_About this task_
Look through the data that follows and copy each line with the string "normal".

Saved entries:
== Segment start ==
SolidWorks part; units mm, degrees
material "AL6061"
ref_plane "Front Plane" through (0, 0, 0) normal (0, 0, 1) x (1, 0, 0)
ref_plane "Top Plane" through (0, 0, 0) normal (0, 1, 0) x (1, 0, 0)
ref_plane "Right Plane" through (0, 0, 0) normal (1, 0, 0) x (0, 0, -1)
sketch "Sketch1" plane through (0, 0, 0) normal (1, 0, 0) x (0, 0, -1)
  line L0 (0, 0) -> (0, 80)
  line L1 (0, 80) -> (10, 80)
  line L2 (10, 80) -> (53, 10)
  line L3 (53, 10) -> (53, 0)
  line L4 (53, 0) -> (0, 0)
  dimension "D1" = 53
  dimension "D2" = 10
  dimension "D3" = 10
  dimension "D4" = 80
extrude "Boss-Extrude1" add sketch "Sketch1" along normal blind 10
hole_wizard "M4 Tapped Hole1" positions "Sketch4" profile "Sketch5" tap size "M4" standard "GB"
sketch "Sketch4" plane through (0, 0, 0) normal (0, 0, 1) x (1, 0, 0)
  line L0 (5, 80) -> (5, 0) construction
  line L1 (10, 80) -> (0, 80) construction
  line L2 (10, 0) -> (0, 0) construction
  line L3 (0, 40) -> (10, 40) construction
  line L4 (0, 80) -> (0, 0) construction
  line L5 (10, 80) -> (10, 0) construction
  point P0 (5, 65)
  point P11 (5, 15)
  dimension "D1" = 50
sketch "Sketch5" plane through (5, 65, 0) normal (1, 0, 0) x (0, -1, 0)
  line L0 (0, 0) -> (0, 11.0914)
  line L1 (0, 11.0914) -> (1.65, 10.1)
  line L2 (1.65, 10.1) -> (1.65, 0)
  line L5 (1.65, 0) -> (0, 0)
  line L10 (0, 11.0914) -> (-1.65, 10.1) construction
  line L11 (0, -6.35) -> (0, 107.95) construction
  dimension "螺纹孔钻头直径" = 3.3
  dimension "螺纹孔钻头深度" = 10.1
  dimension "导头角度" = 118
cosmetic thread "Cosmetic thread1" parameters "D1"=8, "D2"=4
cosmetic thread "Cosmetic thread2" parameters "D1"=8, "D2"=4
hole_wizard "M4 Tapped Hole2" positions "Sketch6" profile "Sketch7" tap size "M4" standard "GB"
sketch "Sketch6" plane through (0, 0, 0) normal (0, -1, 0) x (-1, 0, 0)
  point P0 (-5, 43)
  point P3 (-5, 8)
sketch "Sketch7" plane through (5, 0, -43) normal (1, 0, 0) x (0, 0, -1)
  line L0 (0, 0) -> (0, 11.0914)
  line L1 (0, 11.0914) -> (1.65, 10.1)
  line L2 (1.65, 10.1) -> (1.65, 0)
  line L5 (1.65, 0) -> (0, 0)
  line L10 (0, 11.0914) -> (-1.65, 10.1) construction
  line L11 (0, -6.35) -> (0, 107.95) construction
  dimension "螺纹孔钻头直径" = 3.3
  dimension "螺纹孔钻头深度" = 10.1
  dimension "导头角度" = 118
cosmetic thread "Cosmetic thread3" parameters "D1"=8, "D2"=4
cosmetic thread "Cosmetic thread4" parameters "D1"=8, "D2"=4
== Segment end ==
_Written response_
ref_plane "Front Plane" through (0, 0, 0) normal (0, 0, 1) x (1, 0, 0)
ref_plane "Top Plane" through (0, 0, 0) normal (0, 1, 0) x (1, 0, 0)
ref_plane "Right Plane" through (0, 0, 0) normal (1, 0, 0) x (0, 0, -1)
sketch "Sketch1" plane through (0, 0, 0) normal (1, 0, 0) x (0, 0, -1)
extrude "Boss-Extrude1" add sketch "Sketch1" along normal blind 10
sketch "Sketch4" plane through (0, 0, 0) normal (0, 0, 1) x (1, 0, 0)
sketch "Sketch5" plane through (5, 65, 0) normal (1, 0, 0) x (0, -1, 0)
sketch "Sketch6" plane through (0, 0, 0) normal (0, -1, 0) x (-1, 0, 0)
sketch "Sketch7" plane through (5, 0, -43) normal (1, 0, 0) x (0, 0, -1)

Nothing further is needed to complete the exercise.